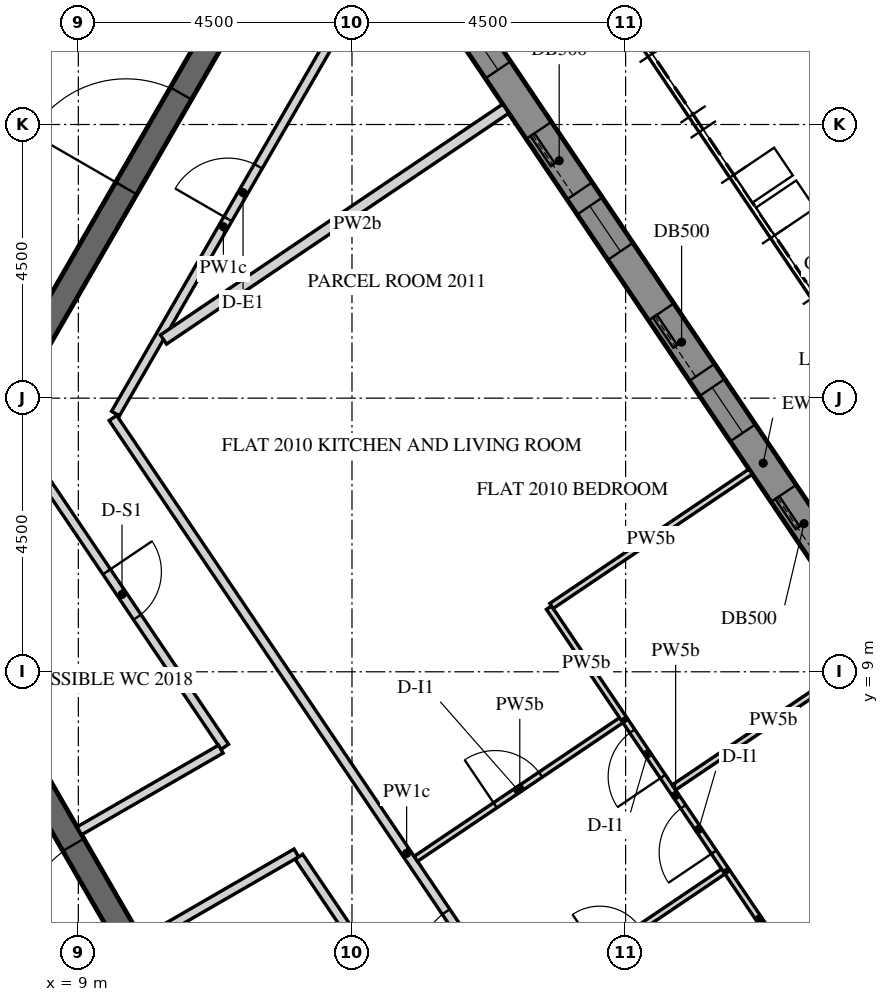
"""IFC4 building model, lengths in metres.
Left out: names, types, materials, properties, quantities, classifications, styles, units other than length and angle.
Written with IfcOpenShell. Run it as: python <this file> out.ifc"""

import sys

from ifc_helpers import new_model, si_unit, direction, frame, frame_2d, origin, place, context, subcontext, project, spatial, polyline, rectangle, outline, extrude, element, fill, save


model = new_model("IFC4")
c1 = context("Model", 3, precision=1e-05, world=origin(), true_north=direction((0.0, 1.0)))
c2 = subcontext(c1, "Body", "Model", "MODEL_VIEW")
j1 = project(units=[si_unit("LENGTHUNIT", "METRE"), si_unit("PLANEANGLEUNIT", "RADIAN")], contexts=[c1])
p1 = place(None, origin())
s1 = spatial("IfcSite", under=j1, at=p1, CompositionType="ELEMENT")
p2 = place(p1, origin())
s2 = spatial("IfcBuilding", under=s1, at=p2, CompositionType="ELEMENT")
p3 = place(p2, frame((0.0, 0.0, 256.2)))
s3 = spatial("IfcBuildingStorey", under=s2, at=p3, CompositionType="ELEMENT", Elevation=256.2)
p4 = place(p3, frame((26.706, 2.879, 0.0), z_axis=(0.0, 0.0, 1.0), x_axis=(-0.559197891507, 0.829034208061, 0.0)))
e1 = element("IfcWall", 1, at=p4, inside=s3, PredefinedType="SOLIDWALL", context=c2, shape_type="SweptSolid", body=[
    extrude(outline(polyline([(0.25, -0.25), (22.795, -0.25), (23.295, 0.25), (-0.25, 0.25), (0.25, -0.25)])), origin(), (0.0, 0.0, 1.0), 3.75),
])
p5 = place(p4, frame((1.323, 0.0, 0.9)))
e2 = element("IfcOpeningElement", 2, at=p5, cuts=e1, PredefinedType="OPENING", context=c2, shape_type="SweptSolid", body=[
    extrude(rectangle(XDim=0.9, YDim=1.5, at=frame_2d((0.45, 0.75))), frame((0.0, 0.26, 0.0), z_axis=(0.0, -1.0, 0.0), x_axis=(1.0, 0.0, 0.0)), (0.0, 0.0, 1.0), 0.52),
])
p6 = place(p4, frame((2.522, 0.0, 0.0)))
e3 = element("IfcOpeningElement", 3, at=p6, cuts=e1, PredefinedType="OPENING", context=c2, shape_type="SweptSolid", body=[
    extrude(rectangle(XDim=1.2, YDim=2.4, at=frame_2d((0.6, 1.2))), frame((0.0, 0.26, 0.0), z_axis=(0.0, -1.0, 0.0), x_axis=(1.0, 0.0, 0.0)), (0.0, 0.0, 1.0), 0.52),
])
p7 = place(p4, frame((4.922, 0.0, 0.9)))
e4 = element("IfcOpeningElement", 4, at=p7, cuts=e1, PredefinedType="OPENING", context=c2, shape_type="SweptSolid", body=[
    extrude(rectangle(XDim=0.9, YDim=1.5, at=frame_2d((0.45, 0.75))), frame((0.0, 0.26, 0.0), z_axis=(0.0, -1.0, 0.0), x_axis=(1.0, 0.0, 0.0)), (0.0, 0.0, 1.0), 0.52),
])
p8 = place(p4, frame((6.122, 0.0, 0.0)))
e5 = element("IfcOpeningElement", 5, at=p8, cuts=e1, PredefinedType="OPENING", context=c2, shape_type="SweptSolid", body=[
    extrude(rectangle(XDim=1.2, YDim=2.4, at=frame_2d((0.6, 1.2))), frame((0.0, 0.26, 0.0), z_axis=(0.0, -1.0, 0.0), x_axis=(1.0, 0.0, 0.0)), (0.0, 0.0, 1.0), 0.52),
])
p9 = place(p4, frame((8.522, 0.0, 0.9)))
e6 = element("IfcOpeningElement", 6, at=p9, cuts=e1, PredefinedType="OPENING", context=c2, shape_type="SweptSolid", body=[
    extrude(rectangle(XDim=0.9, YDim=1.5, at=frame_2d((0.45, 0.75))), frame((0.0, 0.26, 0.0), z_axis=(0.0, -1.0, 0.0), x_axis=(1.0, 0.0, 0.0)), (0.0, 0.0, 1.0), 0.52),
])
p10 = place(p4, frame((9.722, 0.0, 0.0)))
e7 = element("IfcOpeningElement", 7, at=p10, cuts=e1, PredefinedType="OPENING", context=c2, shape_type="SweptSolid", body=[
    extrude(rectangle(XDim=1.2, YDim=2.4, at=frame_2d((0.6, 1.2))), frame((0.0, 0.26, 0.0), z_axis=(0.0, -1.0, 0.0), x_axis=(1.0, 0.0, 0.0)), (0.0, 0.0, 1.0), 0.52),
])
p11 = place(p4, frame((12.122, 0.0, 0.9)))
e8 = element("IfcOpeningElement", 8, at=p11, cuts=e1, PredefinedType="OPENING", context=c2, shape_type="SweptSolid", body=[
    extrude(rectangle(XDim=0.9, YDim=1.5, at=frame_2d((0.45, 0.75))), frame((0.0, 0.26, 0.0), z_axis=(0.0, -1.0, 0.0), x_axis=(1.0, 0.0, 0.0)), (0.0, 0.0, 1.0), 0.52),
])
p12 = place(p4, frame((13.323, 0.0, 0.0)))
e9 = element("IfcOpeningElement", 9, at=p12, cuts=e1, PredefinedType="OPENING", context=c2, shape_type="SweptSolid", body=[
    extrude(rectangle(XDim=1.2, YDim=2.4, at=frame_2d((0.6, 1.2))), frame((0.0, 0.26, 0.0), z_axis=(0.0, -1.0, 0.0), x_axis=(1.0, 0.0, 0.0)), (0.0, 0.0, 1.0), 0.52),
])
p13 = place(p4, frame((15.722, 0.0, 0.9)))
e10 = element("IfcOpeningElement", 10, at=p13, cuts=e1, PredefinedType="OPENING", context=c2, shape_type="SweptSolid", body=[
    extrude(rectangle(XDim=0.9, YDim=1.5, at=frame_2d((0.45, 0.75))), frame((0.0, 0.26, 0.0), z_axis=(0.0, -1.0, 0.0), x_axis=(1.0, 0.0, 0.0)), (0.0, 0.0, 1.0), 0.52),
])
p14 = place(p4, frame((16.922, 0.0, 0.0)))
e11 = element("IfcOpeningElement", 11, at=p14, cuts=e1, PredefinedType="OPENING", context=c2, shape_type="SweptSolid", body=[
    extrude(rectangle(XDim=1.2, YDim=2.4, at=frame_2d((0.6, 1.2))), frame((0.0, 0.26, 0.0), z_axis=(0.0, -1.0, 0.0), x_axis=(1.0, 0.0, 0.0)), (0.0, 0.0, 1.0), 0.52),
])
p15 = place(p4, frame((19.323, 0.0, 0.9)))
e12 = element("IfcOpeningElement", 12, at=p15, cuts=e1, PredefinedType="OPENING", context=c2, shape_type="SweptSolid", body=[
    extrude(rectangle(XDim=0.9, YDim=1.5, at=frame_2d((0.45, 0.75))), frame((0.0, 0.26, 0.0), z_axis=(0.0, -1.0, 0.0), x_axis=(1.0, 0.0, 0.0)), (0.0, 0.0, 1.0), 0.52),
])
p16 = place(p4, frame((20.522, 0.0, 0.0)))
e13 = element("IfcOpeningElement", 13, at=p16, cuts=e1, PredefinedType="OPENING", context=c2, shape_type="SweptSolid", body=[
    extrude(rectangle(XDim=1.2, YDim=2.4, at=frame_2d((0.6, 1.2))), frame((0.0, 0.26, 0.0), z_axis=(0.0, -1.0, 0.0), x_axis=(1.0, 0.0, 0.0)), (0.0, 0.0, 1.0), 0.52),
])
p17 = place(p3, frame((12.471, 0.0, 0.0), z_axis=(0.0, 0.0, 1.0), x_axis=(-0.499996419489, 0.866027470984, 0.0)))
e14 = element("IfcWall", 14, at=p17, inside=s3, PredefinedType="SHEAR", context=c2, shape_type="SweptSolid", body=[
    extrude(outline(polyline([(-0.115, -0.2), (12.586, -0.2), (12.355, 0.2), (0.115, 0.2), (-0.115, -0.2)])), origin(), (0.0, 0.0, 1.0), 3.75),
])
p18 = place(p17, frame((5.306, 0.0, 0.0)))
e15 = element("IfcOpeningElement", 15, at=p18, cuts=e14, PredefinedType="OPENING", context=c2, shape_type="SweptSolid", body=[
    extrude(rectangle(XDim=1.8, YDim=2.4, at=frame_2d((0.9, 1.2))), frame((0.0, 0.21, 0.0), z_axis=(0.0, -1.0, 0.0), x_axis=(1.0, 0.0, 0.0)), (0.0, 0.0, 1.0), 0.42),
])
p19 = place(p3, frame((6.351, 11.0, 0.0), z_axis=(0.0, 0.0, 1.0), x_axis=(0.499998894578, 0.866026041999, 0.0)))
e16 = element("IfcWall", 16, at=p19, inside=s3, PredefinedType="SHEAR", context=c2, shape_type="SweptSolid", body=[
    extrude(rectangle(XDim=15.544, YDim=0.4, at=frame_2d((7.772, 0.0))), origin(), (0.0, 0.0, 1.0), 3.75),
])
p20 = place(p19, frame((6.872, 0.0, 0.0)))
e17 = element("IfcOpeningElement", 17, at=p20, cuts=e16, PredefinedType="OPENING", context=c2, shape_type="SweptSolid", body=[
    extrude(rectangle(XDim=1.8, YDim=2.4, at=frame_2d((0.9, 1.2))), frame((0.0, 0.21, 0.0), z_axis=(0.0, -1.0, 0.0), x_axis=(1.0, 0.0, 0.0)), (0.0, 0.0, 1.0), 0.42),
])
p21 = place(p3, frame((19.228, -1.146, 0.0), z_axis=(0.0, 0.0, 1.0), x_axis=(-0.559190017735, 0.829039519001, 0.0)))
e18 = element("IfcWall", 18, at=p21, inside=s3, PredefinedType="PARTITIONING", context=c2, shape_type="SweptSolid", body=[
    extrude(rectangle(XDim=17.273, YDim=0.15, at=frame_2d((8.637, 0.0))), origin(), (0.0, 0.0, 1.0), 2.823),
])
p22 = place(p21, frame((6.478, 0.0, 0.0)))
e19 = element("IfcOpeningElement", 19, at=p22, cuts=e18, PredefinedType="OPENING", context=c2, shape_type="SweptSolid", body=[
    extrude(rectangle(XDim=1.0, YDim=2.1, at=frame_2d((0.5, 1.05))), frame((0.0, 0.085, 0.0), z_axis=(0.0, -1.0, 0.0), x_axis=(1.0, 0.0, 0.0)), (0.0, 0.0, 1.0), 0.17),
])
p23 = place(p3, frame((9.611, 13.246, 0.0), z_axis=(0.0, 0.0, 1.0), x_axis=(0.499994435258, 0.866028616566, 0.0)))
e20 = element("IfcWall", 20, at=p23, inside=s3, PredefinedType="PARTITIONING", context=c2, shape_type="SweptSolid", body=[
    extrude(rectangle(XDim=7.097, YDim=0.15, at=frame_2d((3.548, 0.0))), origin(), (0.0, 0.0, 1.0), 2.823),
])
p24 = place(p23, frame((3.696, 0.0, 0.0)))
e21 = element("IfcOpeningElement", 21, at=p24, cuts=e20, PredefinedType="OPENING", context=c2, shape_type="SweptSolid", body=[
    extrude(rectangle(XDim=1.0, YDim=2.1, at=frame_2d((0.5, 1.05))), frame((0.0, 0.085, 0.0), z_axis=(0.0, -1.0, 0.0), x_axis=(1.0, 0.0, 0.0)), (0.0, 0.0, 1.0), 0.17),
])
p25 = place(p3, frame((10.066, 4.566, 0.0), z_axis=(0.0, 0.0, 1.0), x_axis=(0.866034661658, 0.49998396455, 0.0)))
e22 = element("IfcWall", 22, at=p25, inside=s3, PredefinedType="PARTITIONING", context=c2, shape_type="SweptSolid", body=[
    extrude(rectangle(XDim=2.909, YDim=0.15, at=frame_2d((1.455, 0.0))), origin(), (0.0, 0.0, 1.0), 2.823),
])
p26 = place(p3, frame((12.627, 5.958, 0.0), z_axis=(0.0, 0.0, 1.0), x_axis=(0.559185493191, -0.829042570804, 0.0)))
e23 = element("IfcWall", 23, at=p26, inside=s3, PredefinedType="PARTITIONING", context=c2, shape_type="SweptSolid", body=[
    extrude(rectangle(XDim=8.727, YDim=0.15, at=frame_2d((4.363, 0.0))), origin(), (0.0, 0.0, 1.0), 2.823),
])
p27 = place(p26, frame((3.913, 0.0, 0.0)))
e24 = element("IfcOpeningElement", 24, at=p27, cuts=e23, PredefinedType="OPENING", context=c2, shape_type="SweptSolid", body=[
    extrude(rectangle(XDim=0.9, YDim=2.1, at=frame_2d((0.45, 1.05))), frame((0.0, 0.085, 0.0), z_axis=(0.0, -1.0, 0.0), x_axis=(1.0, 0.0, 0.0)), (0.0, 0.0, 1.0), 0.17),
])
p28 = place(p3, frame((8.028, 12.777, 0.0), z_axis=(0.0, 0.0, 1.0), x_axis=(0.559175239609, -0.829049486707, 0.0)))
e25 = element("IfcWall", 25, at=p28, inside=s3, PredefinedType="PARTITIONING", context=c2, shape_type="SweptSolid", body=[
    extrude(rectangle(XDim=6.045, YDim=0.15, at=frame_2d((3.022, 0.0))), origin(), (0.0, 0.0, 1.0), 2.823),
])
p29 = place(p28, frame((2.572, 0.0, 0.0)))
e26 = element("IfcOpeningElement", 26, at=p29, cuts=e25, PredefinedType="OPENING", context=c2, shape_type="SweptSolid", body=[
    extrude(rectangle(XDim=0.9, YDim=2.1, at=frame_2d((0.45, 1.05))), frame((0.0, 0.085, 0.0), z_axis=(0.0, -1.0, 0.0), x_axis=(1.0, 0.0, 0.0)), (0.0, 0.0, 1.0), 0.17),
])
p30 = place(p3, frame((11.343, 7.728, 0.0), z_axis=(0.0, 0.0, 1.0), x_axis=(-0.866037314867, -0.499979368833, 0.0)))
e27 = element("IfcWall", 27, at=p30, inside=s3, PredefinedType="PARTITIONING", context=c2, shape_type="SweptSolid", body=[
    extrude(rectangle(XDim=2.687, YDim=0.15, at=frame_2d((1.344, 0.0))), origin(), (0.0, 0.0, 1.0), 2.823),
])
p31 = place(p3, frame((24.082, 6.323, 0.0), z_axis=(0.0, 0.0, 1.0), x_axis=(-0.829033253898, -0.55919930609, 0.0)))
e28 = element("IfcWall", 28, at=p31, inside=s3, PredefinedType="PARTITIONING", context=c2, shape_type="SweptSolid", body=[
    extrude(rectangle(XDim=8.125, YDim=0.18, at=frame_2d((4.062, 0.0))), origin(), (0.0, 0.0, 1.0), 2.823),
])
p32 = place(p3, frame((14.55, 5.924, 0.0), z_axis=(0.0, 0.0, 1.0), x_axis=(0.829005765264, 0.559240056827, 0.0)))
e29 = element("IfcWall", 29, at=p32, inside=s3, PredefinedType="PARTITIONING", context=c2, shape_type="SweptSolid", body=[
    extrude(rectangle(XDim=4.125, YDim=0.1, at=frame_2d((2.062, 0.0))), origin(), (0.0, 0.0, 1.0), 2.823),
])
p33 = place(p32, frame((1.575, 0.0, 0.0)))
e30 = element("IfcOpeningElement", 30, at=p33, cuts=e29, PredefinedType="OPENING", context=c2, shape_type="SweptSolid", body=[
    extrude(rectangle(XDim=0.9, YDim=2.1, at=frame_2d((0.45, 1.05))), frame((0.0, 0.06, 0.0), z_axis=(0.0, -1.0, 0.0), x_axis=(1.0, 0.0, 0.0)), (0.0, 0.0, 1.0), 0.12),
])
p34 = place(p3, frame((17.971, 8.229, 0.0), z_axis=(0.0, 0.0, 1.0), x_axis=(-0.559246231198, 0.829001600053, 0.0)))
e31 = element("IfcWall", 31, at=p34, inside=s3, PredefinedType="PARTITIONING", context=c2, shape_type="SweptSolid", body=[
    extrude(rectangle(XDim=2.202, YDim=0.1, at=frame_2d((1.101, 0.0))), origin(), (0.0, 0.0, 1.0), 2.823),
])
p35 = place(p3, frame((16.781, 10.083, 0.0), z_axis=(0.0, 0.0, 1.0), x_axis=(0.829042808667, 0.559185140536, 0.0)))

____________

(What needs to be done) When you reach the line in the material above that holds "p10 = place(p4, frame((9.722, 0.0, 0.0)))", begin reproducing lines exactly, and stop after the line that holds "p12 = place(p4, frame((13.323, 0.0, 0.0)))".

(Exercise solution)
p10 = place(p4, frame((9.722, 0.0, 0.0)))
e7 = element("IfcOpeningElement", 7, at=p10, cuts=e1, PredefinedType="OPENING", context=c2, shape_type="SweptSolid", body=[
    extrude(rectangle(XDim=1.2, YDim=2.4, at=frame_2d((0.6, 1.2))), frame((0.0, 0.26, 0.0), z_axis=(0.0, -1.0, 0.0), x_axis=(1.0, 0.0, 0.0)), (0.0, 0.0, 1.0), 0.52),
])
p11 = place(p4, frame((12.122, 0.0, 0.9)))
e8 = element("IfcOpeningElement", 8, at=p11, cuts=e1, PredefinedType="OPENING", context=c2, shape_type="SweptSolid", body=[
    extrude(rectangle(XDim=0.9, YDim=1.5, at=frame_2d((0.45, 0.75))), frame((0.0, 0.26, 0.0), z_axis=(0.0, -1.0, 0.0), x_axis=(1.0, 0.0, 0.0)), (0.0, 0.0, 1.0), 0.52),
])
p12 = place(p4, frame((13.323, 0.0, 0.0)))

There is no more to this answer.